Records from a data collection
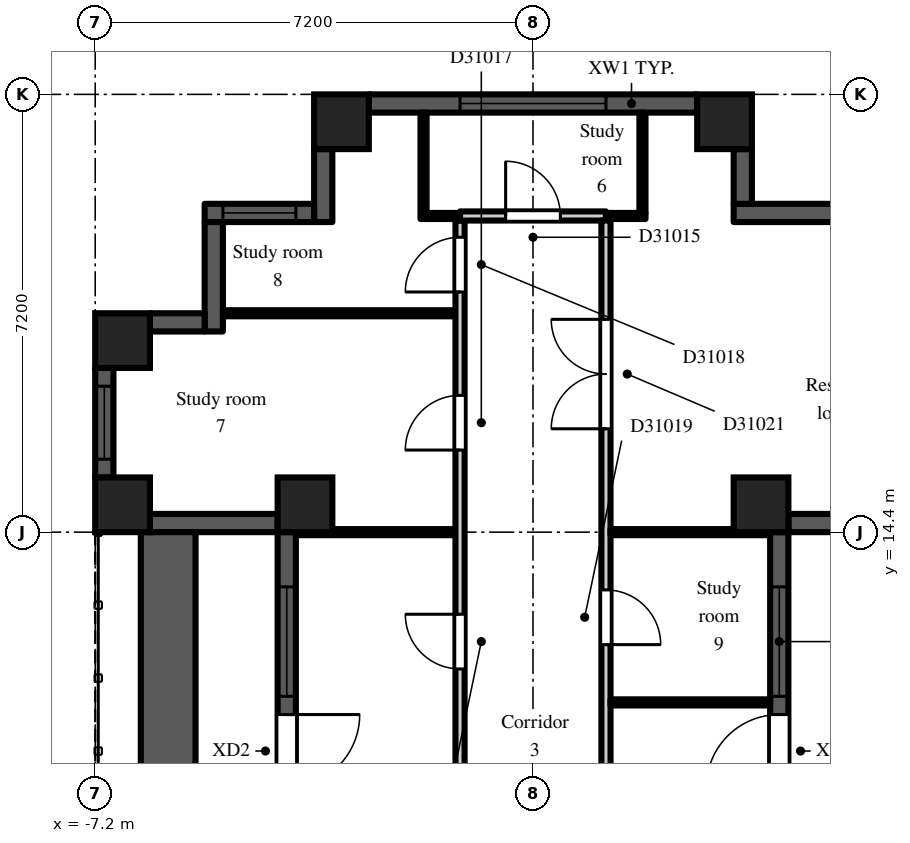
"""IFC4 building model, lengths in metres.
Left out: names, types, materials, properties, quantities, classifications, styles, units other than length and angle.
Written with IfcOpenShell. Run it as: python <this file> out.ifc"""

import sys

from ifc_helpers import new_model, si_unit, direction, frame, frame_2d, origin, origin_2d, place, context, subcontext, project, spatial, rectangle, extrude, element, fill, save


model = new_model("IFC4")
c1 = context("Model", 3, precision=1e-05, world=origin(), true_north=direction((0.0, 1.0)))
c2 = subcontext(c1, "Body", "Model", "MODEL_VIEW")
j1 = project(units=[si_unit("LENGTHUNIT", "METRE"), si_unit("PLANEANGLEUNIT", "RADIAN")], contexts=[c1])
p1 = place(None, origin())
s1 = spatial("IfcSite", under=j1, at=p1, CompositionType="ELEMENT")
p2 = place(p1, origin())
s2 = spatial("IfcBuilding", under=s1, at=p2, CompositionType="ELEMENT")
p3 = place(p2, frame((0.0, 0.0, 216.9)))
s3 = spatial("IfcBuildingStorey", under=s2, at=p3, CompositionType="ELEMENT", Elevation=216.9)
for number, where, z_axis, x_axis in (
    (1, (-6.75, 14.85, 0.0), (0.0, 0.0, 1.0), (1.0, 0.0, 0.0)),
    (2, (-6.75, 17.55, 0.0), (0.0, 0.0, 1.0), (1.0, 0.0, 0.0)),
    (3, (-3.75, 14.85, 0.0), (0.0, 0.0, 1.0), (1.0, 0.0, 0.0)),
    (4, (-3.15, 21.15, 0.0), (0.0, 0.0, 1.0), (1.0, 0.0, 0.0)),
    (5, (3.15, 21.15, 0.0), (0.0, 0.0, 1.0), (1.0, 0.0, 0.0)),
    (6, (3.75, 14.85, 0.0), (0.0, 0.0, 1.0), (1.0, 0.0, 0.0)),
):
    element("IfcColumn", number, at=place(p3, frame(where, z_axis=z_axis, x_axis=x_axis)), inside=s3, PredefinedType="COLUMN", context=c2, shape_type="SweptSolid", body=[
        extrude(rectangle(XDim=0.9, YDim=0.9, at=origin_2d()), origin(), (0.0, 0.0, 1.0), 3.0),
    ])
p4 = place(p3, frame((4.05, 7.2, 0.0), z_axis=(0.0, 0.0, 1.0), x_axis=(0.0, 1.0, 0.0)))
e7 = element("IfcWall", 7, at=p4, inside=s3, PredefinedType="SOLIDWALL", context=c2, shape_type="SweptSolid", body=[
    extrude(rectangle(XDim=7.2, YDim=0.3, at=frame_2d((3.6, 0.0))), origin(), (0.0, 0.0, 1.0), 2.3),
])
p5 = place(p4, frame((3.0, 0.0, 0.0)))
e8 = element("IfcOpeningElement", 8, at=p5, cuts=e7, PredefinedType="OPENING", context=c2, shape_type="SweptSolid", body=[
    extrude(rectangle(XDim=1.2, YDim=2.05, at=frame_2d((0.6, 1.025))), frame((0.0, 0.16, 0.0), z_axis=(0.0, -1.0, 0.0), x_axis=(1.0, 0.0, 0.0)), (0.0, 0.0, 1.0), 0.32),
])
p6 = place(p4, frame((0.9, 0.0, 0.2)))
e9 = element("IfcOpeningElement", 9, at=p6, cuts=e7, PredefinedType="OPENING", context=c2, shape_type="SweptSolid", body=[
    extrude(rectangle(XDim=1.8, YDim=1.85, at=frame_2d((0.9, 0.925))), frame((0.0, 0.16, 0.0), z_axis=(0.0, -1.0, 0.0), x_axis=(1.0, 0.0, 0.0)), (0.0, 0.0, 1.0), 0.32),
])
p7 = place(p4, frame((4.5, 0.0, 0.2)))
e10 = element("IfcOpeningElement", 10, at=p7, cuts=e7, PredefinedType="OPENING", context=c2, shape_type="SweptSolid", body=[
    extrude(rectangle(XDim=1.8, YDim=1.85, at=frame_2d((0.9, 0.925))), frame((0.0, 0.16, 0.0), z_axis=(0.0, -1.0, 0.0), x_axis=(1.0, 0.0, 0.0)), (0.0, 0.0, 1.0), 0.32),
])
p8 = place(p3, frame((4.2, 14.55, 0.0), z_axis=(0.0, 0.0, 1.0), x_axis=(1.0, 0.0, 0.0)))
e11 = element("IfcWall", 11, at=p8, inside=s3, PredefinedType="SOLIDWALL", context=c2, shape_type="SweptSolid", body=[
    extrude(rectangle(XDim=2.1, YDim=0.3, at=frame_2d((1.05, 0.0))), origin(), (0.0, 0.0, 1.0), 2.3),
])
p9 = place(p3, frame((5.1, 19.65, 0.0), z_axis=(0.0, 0.0, 1.0), x_axis=(-1.0, 0.0, 0.0)))
e12 = element("IfcWall", 12, at=p9, inside=s3, PredefinedType="SOLIDWALL", context=c2, shape_type="SweptSolid", body=[
    extrude(rectangle(XDim=1.8, YDim=0.3, at=frame_2d((0.9, 0.0))), origin(), (0.0, 0.0, 1.0), 2.6),
])
p10 = place(p3, frame((3.45, 19.8, 0.0), z_axis=(0.0, 0.0, 1.0), x_axis=(0.0, 1.0, 0.0)))
e13 = element("IfcWall", 13, at=p10, inside=s3, PredefinedType="SOLIDWALL", context=c2, shape_type="SweptSolid", body=[
    extrude(rectangle(XDim=0.9, YDim=0.3, at=frame_2d((0.45, 0.0))), origin(), (0.0, 0.0, 1.0), 2.6),
])
p11 = place(p3, frame((2.7, 21.45, 0.0), z_axis=(0.0, 0.0, 1.0), x_axis=(-1.0, 0.0, 0.0)))
e14 = element("IfcWall", 14, at=p11, inside=s3, PredefinedType="SOLIDWALL", context=c2, shape_type="SweptSolid", body=[
    extrude(rectangle(XDim=5.4, YDim=0.3, at=frame_2d((2.7, 0.0))), origin(), (0.0, 0.0, 1.0), 2.3),
])
p12 = place(p11, frame((1.5, 0.0, 0.2)))
e15 = element("IfcOpeningElement", 15, at=p12, cuts=e14, PredefinedType="OPENING", context=c2, shape_type="SweptSolid", body=[
    extrude(rectangle(XDim=2.4, YDim=1.85, at=frame_2d((1.2, 0.925))), frame((0.0, 0.16, 0.0), z_axis=(0.0, -1.0, 0.0), x_axis=(1.0, 0.0, 0.0)), (0.0, 0.0, 1.0), 0.32),
])
p13 = place(p3, frame((-3.45, 20.7, 0.0), z_axis=(0.0, 0.0, 1.0), x_axis=(0.0, -1.0, 0.0)))
e16 = element("IfcWall", 16, at=p13, inside=s3, PredefinedType="SOLIDWALL", context=c2, shape_type="SweptSolid", body=[
    extrude(rectangle(XDim=1.2, YDim=0.3, at=frame_2d((0.6, 0.0))), origin(), (0.0, 0.0, 1.0), 2.6),
])
p14 = place(p3, frame((-3.6, 19.65, 0.0), z_axis=(0.0, 0.0, 1.0), x_axis=(-1.0, 0.0, 0.0)))
e17 = element("IfcWall", 17, at=p14, inside=s3, PredefinedType="SOLIDWALL", context=c2, shape_type="SweptSolid", body=[
    extrude(rectangle(XDim=1.8, YDim=0.3, at=frame_2d((0.9, 0.0))), origin(), (0.0, 0.0, 1.0), 2.6),
])
p15 = place(p14, frame((0.3, 0.0, 0.2)))
e18 = element("IfcOpeningElement", 18, at=p15, cuts=e17, PredefinedType="OPENING", context=c2, shape_type="SweptSolid", body=[
    extrude(rectangle(XDim=1.2, YDim=1.85, at=frame_2d((0.6, 0.925))), frame((0.0, 0.16, 0.0), z_axis=(0.0, -1.0, 0.0), x_axis=(1.0, 0.0, 0.0)), (0.0, 0.0, 1.0), 0.32),
])
p16 = place(p3, frame((-5.25, 19.5, 0.0), z_axis=(0.0, 0.0, 1.0), x_axis=(0.0, -1.0, 0.0)))
e19 = element("IfcWall", 19, at=p16, inside=s3, PredefinedType="SOLIDWALL", context=c2, shape_type="SweptSolid", body=[
    extrude(rectangle(XDim=1.8, YDim=0.3, at=frame_2d((0.9, 0.0))), origin(), (0.0, 0.0, 1.0), 2.6),
])
p17 = place(p3, frame((-5.4, 17.85, 0.0), z_axis=(0.0, 0.0, 1.0), x_axis=(-1.0, 0.0, 0.0)))
e20 = element("IfcWall", 20, at=p17, inside=s3, PredefinedType="SOLIDWALL", context=c2, shape_type="SweptSolid", body=[
    extrude(rectangle(XDim=0.9, YDim=0.3, at=frame_2d((0.45, 0.0))), origin(), (0.0, 0.0, 1.0), 2.6),
])
p18 = place(p3, frame((-7.05, 17.1, 0.0), z_axis=(0.0, 0.0, 1.0), x_axis=(0.0, -1.0, 0.0)))
e21 = element("IfcWall", 21, at=p18, inside=s3, PredefinedType="SOLIDWALL", context=c2, shape_type="SweptSolid", body=[
    extrude(rectangle(XDim=1.8, YDim=0.3, at=frame_2d((0.9, 0.0))), origin(), (0.0, 0.0, 1.0), 2.3),
])
p19 = place(p18, frame((0.3, 0.0, 0.2)))
e22 = element("IfcOpeningElement", 22, at=p19, cuts=e21, PredefinedType="OPENING", context=c2, shape_type="SweptSolid", body=[
    extrude(rectangle(XDim=1.2, YDim=1.85, at=frame_2d((0.6, 0.925))), frame((0.0, 0.16, 0.0), z_axis=(0.0, -1.0, 0.0), x_axis=(1.0, 0.0, 0.0)), (0.0, 0.0, 1.0), 0.32),
])
p20 = place(p3, frame((-6.3, 14.55, 0.0), z_axis=(0.0, 0.0, 1.0), x_axis=(1.0, 0.0, 0.0)))
e23 = element("IfcWall", 23, at=p20, inside=s3, PredefinedType="SOLIDWALL", context=c2, shape_type="SweptSolid", body=[
    extrude(rectangle(XDim=2.1, YDim=0.3, at=frame_2d((1.05, 0.0))), origin(), (0.0, 0.0, 1.0), 2.3),
])
p21 = place(p3, frame((-4.05, 14.4, 0.0), z_axis=(0.0, 0.0, 1.0), x_axis=(0.0, -1.0, 0.0)))
e24 = element("IfcWall", 24, at=p21, inside=s3, PredefinedType="SOLIDWALL", context=c2, shape_type="SweptSolid", body=[
    extrude(rectangle(XDim=7.2, YDim=0.3, at=frame_2d((3.6, 0.0))), origin(), (0.0, 0.0, 1.0), 2.3),
])
p22 = place(p21, frame((3.0, 0.0, 0.0)))
e25 = element("IfcOpeningElement", 25, at=p22, cuts=e24, PredefinedType="OPENING", context=c2, shape_type="SweptSolid", body=[
    extrude(rectangle(XDim=1.2, YDim=2.05, at=frame_2d((0.6, 1.025))), frame((0.0, 0.16, 0.0), z_axis=(0.0, -1.0, 0.0), x_axis=(1.0, 0.0, 0.0)), (0.0, 0.0, 1.0), 0.32),
])
p23 = place(p21, frame((0.9, 0.0, 0.2)))
e26 = element("IfcOpeningElement", 26, at=p23, cuts=e24, PredefinedType="OPENING", context=c2, shape_type="SweptSolid", body=[
    extrude(rectangle(XDim=1.8, YDim=1.85, at=frame_2d((0.9, 0.925))), frame((0.0, 0.16, 0.0), z_axis=(0.0, -1.0, 0.0), x_axis=(1.0, 0.0, 0.0)), (0.0, 0.0, 1.0), 0.32),
])
p24 = place(p21, frame((4.5, 0.0, 0.2)))
e27 = element("IfcOpeningElement", 27, at=p24, cuts=e24, PredefinedType="OPENING", context=c2, shape_type="SweptSolid", body=[
    extrude(rectangle(XDim=1.8, YDim=1.85, at=frame_2d((0.9, 0.925))), frame((0.0, 0.16, 0.0), z_axis=(0.0, -1.0, 0.0), x_axis=(1.0, 0.0, 0.0)), (0.0, 0.0, 1.0), 0.32),
])
p25 = place(p3, frame((-6.0, 7.2, 0.0), z_axis=(0.0, 0.0, 1.0), x_axis=(0.0, 1.0, 0.0)))
e28 = element("IfcWall", 28, at=p25, inside=s3, PredefinedType="PARAPET", context=c2, shape_type="SweptSolid", body=[
    extrude(rectangle(XDim=7.2, YDim=0.9, at=frame_2d((3.6, 0.0))), origin(), (0.0, 0.0, 1.0), 0.8),
])
p26 = place(p3, frame((-5.1, 18.0, 0.0), z_axis=(0.0, 0.0, 1.0), x_axis=(1.0, 0.0, 0.0)))
e29 = element("IfcWall", 29, at=p26, inside=s3, PredefinedType="PARTITIONING", context=c2, shape_type="SweptSolid", body=[
    extrude(rectangle(XDim=3.825, YDim=0.1, at=frame_2d((1.913, 0.0))), origin(), (0.0, 0.0, 1.0), 2.6),
])
p27 = place(p3, frame((-3.9, 14.4, 0.0), z_axis=(0.0, 0.0, 1.0), x_axis=(1.0, 0.0, 0.0)))
e30 = element("IfcWall", 30, at=p27, inside=s3, PredefinedType="PARTITIONING", context=c2, shape_type="SweptSolid", body=[
    extrude(rectangle(XDim=2.625, YDim=0.1, at=frame_2d((1.312, 0.0))), origin(), (0.0, 0.0, 1.0), 2.6),
])
p28 = place(p3, frame((-1.8, 19.55, 0.0), z_axis=(0.0, 0.0, 1.0), x_axis=(0.0, 1.0, 0.0)))
e31 = element("IfcWall", 31, at=p28, inside=s3, PredefinedType="PARTITIONING", context=c2, shape_type="SweptSolid", body=[
    extrude(rectangle(XDim=1.75, YDim=0.1, at=frame_2d((0.875, 0.0))), origin(), (0.0, 0.0, 1.0), 2.6),
])
p29 = place(p3, frame((-1.75, 19.6, 0.0), z_axis=(0.0, 0.0, 1.0), x_axis=(1.0, 0.0, 0.0)))
e32 = element("IfcWall", 32, at=p29, inside=s3, PredefinedType="PARTITIONING", context=c2, shape_type="SweptSolid", body=[
    extrude(rectangle(XDim=0.55, YDim=0.1, at=frame_2d((0.275, 0.0))), origin(), (0.0, 0.0, 1.0), 2.6),
])
p30 = place(p3, frame((-1.2, 1.275, 0.0), z_axis=(0.0, 0.0, 1.0), x_axis=(0.0, 1.0, 0.0)))
e33 = element("IfcWall", 33, at=p30, inside=s3, PredefinedType="PARTITIONING", context=c2, shape_type="SweptSolid", body=[
    extrude(rectangle(XDim=18.25, YDim=0.15, at=frame_2d((9.125, 0.0))), origin(), (0.0, 0.0, 1.0), 2.6),
])
p31 = place(p30, frame((2.475, 0.0, 0.0)))
e34 = element("IfcOpeningElement", 34, at=p31, cuts=e33, PredefinedType="OPENING", context=c2, shape_type="SweptSolid", body=[
    extrude(rectangle(XDim=0.9, YDim=2.1, at=frame_2d((0.45, 1.05))), frame((0.0, 0.085, 0.0), z_axis=(0.0, -1.0, 0.0), x_axis=(1.0, 0.0, 0.0)), (0.0, 0.0, 1.0), 0.17),
])
p32 = place(p30, frame((10.875, 0.0, 0.0)))
e35 = element("IfcOpeningElement", 35, at=p32, cuts=e33, PredefinedType="OPENING", context=c2, shape_type="SweptSolid", body=[
    extrude(rectangle(XDim=0.9, YDim=2.1, at=frame_2d((0.45, 1.05))), frame((0.0, 0.085, 0.0), z_axis=(0.0, -1.0, 0.0), x_axis=(1.0, 0.0, 0.0)), (0.0, 0.0, 1.0), 0.17),
])
p33 = place(p30, frame((14.475, 0.0, 0.0)))
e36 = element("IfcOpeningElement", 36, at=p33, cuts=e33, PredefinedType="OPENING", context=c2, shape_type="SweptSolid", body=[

### Exercise details
Search the data for the word "import" and copy each line where it appears.

### Solution for this exercise
import sys
from ifc_helpers import new_model, si_unit, direction, frame, frame_2d, origin, origin_2d, place, context, subcontext, project, spatial, rectangle, extrude, element, fill, save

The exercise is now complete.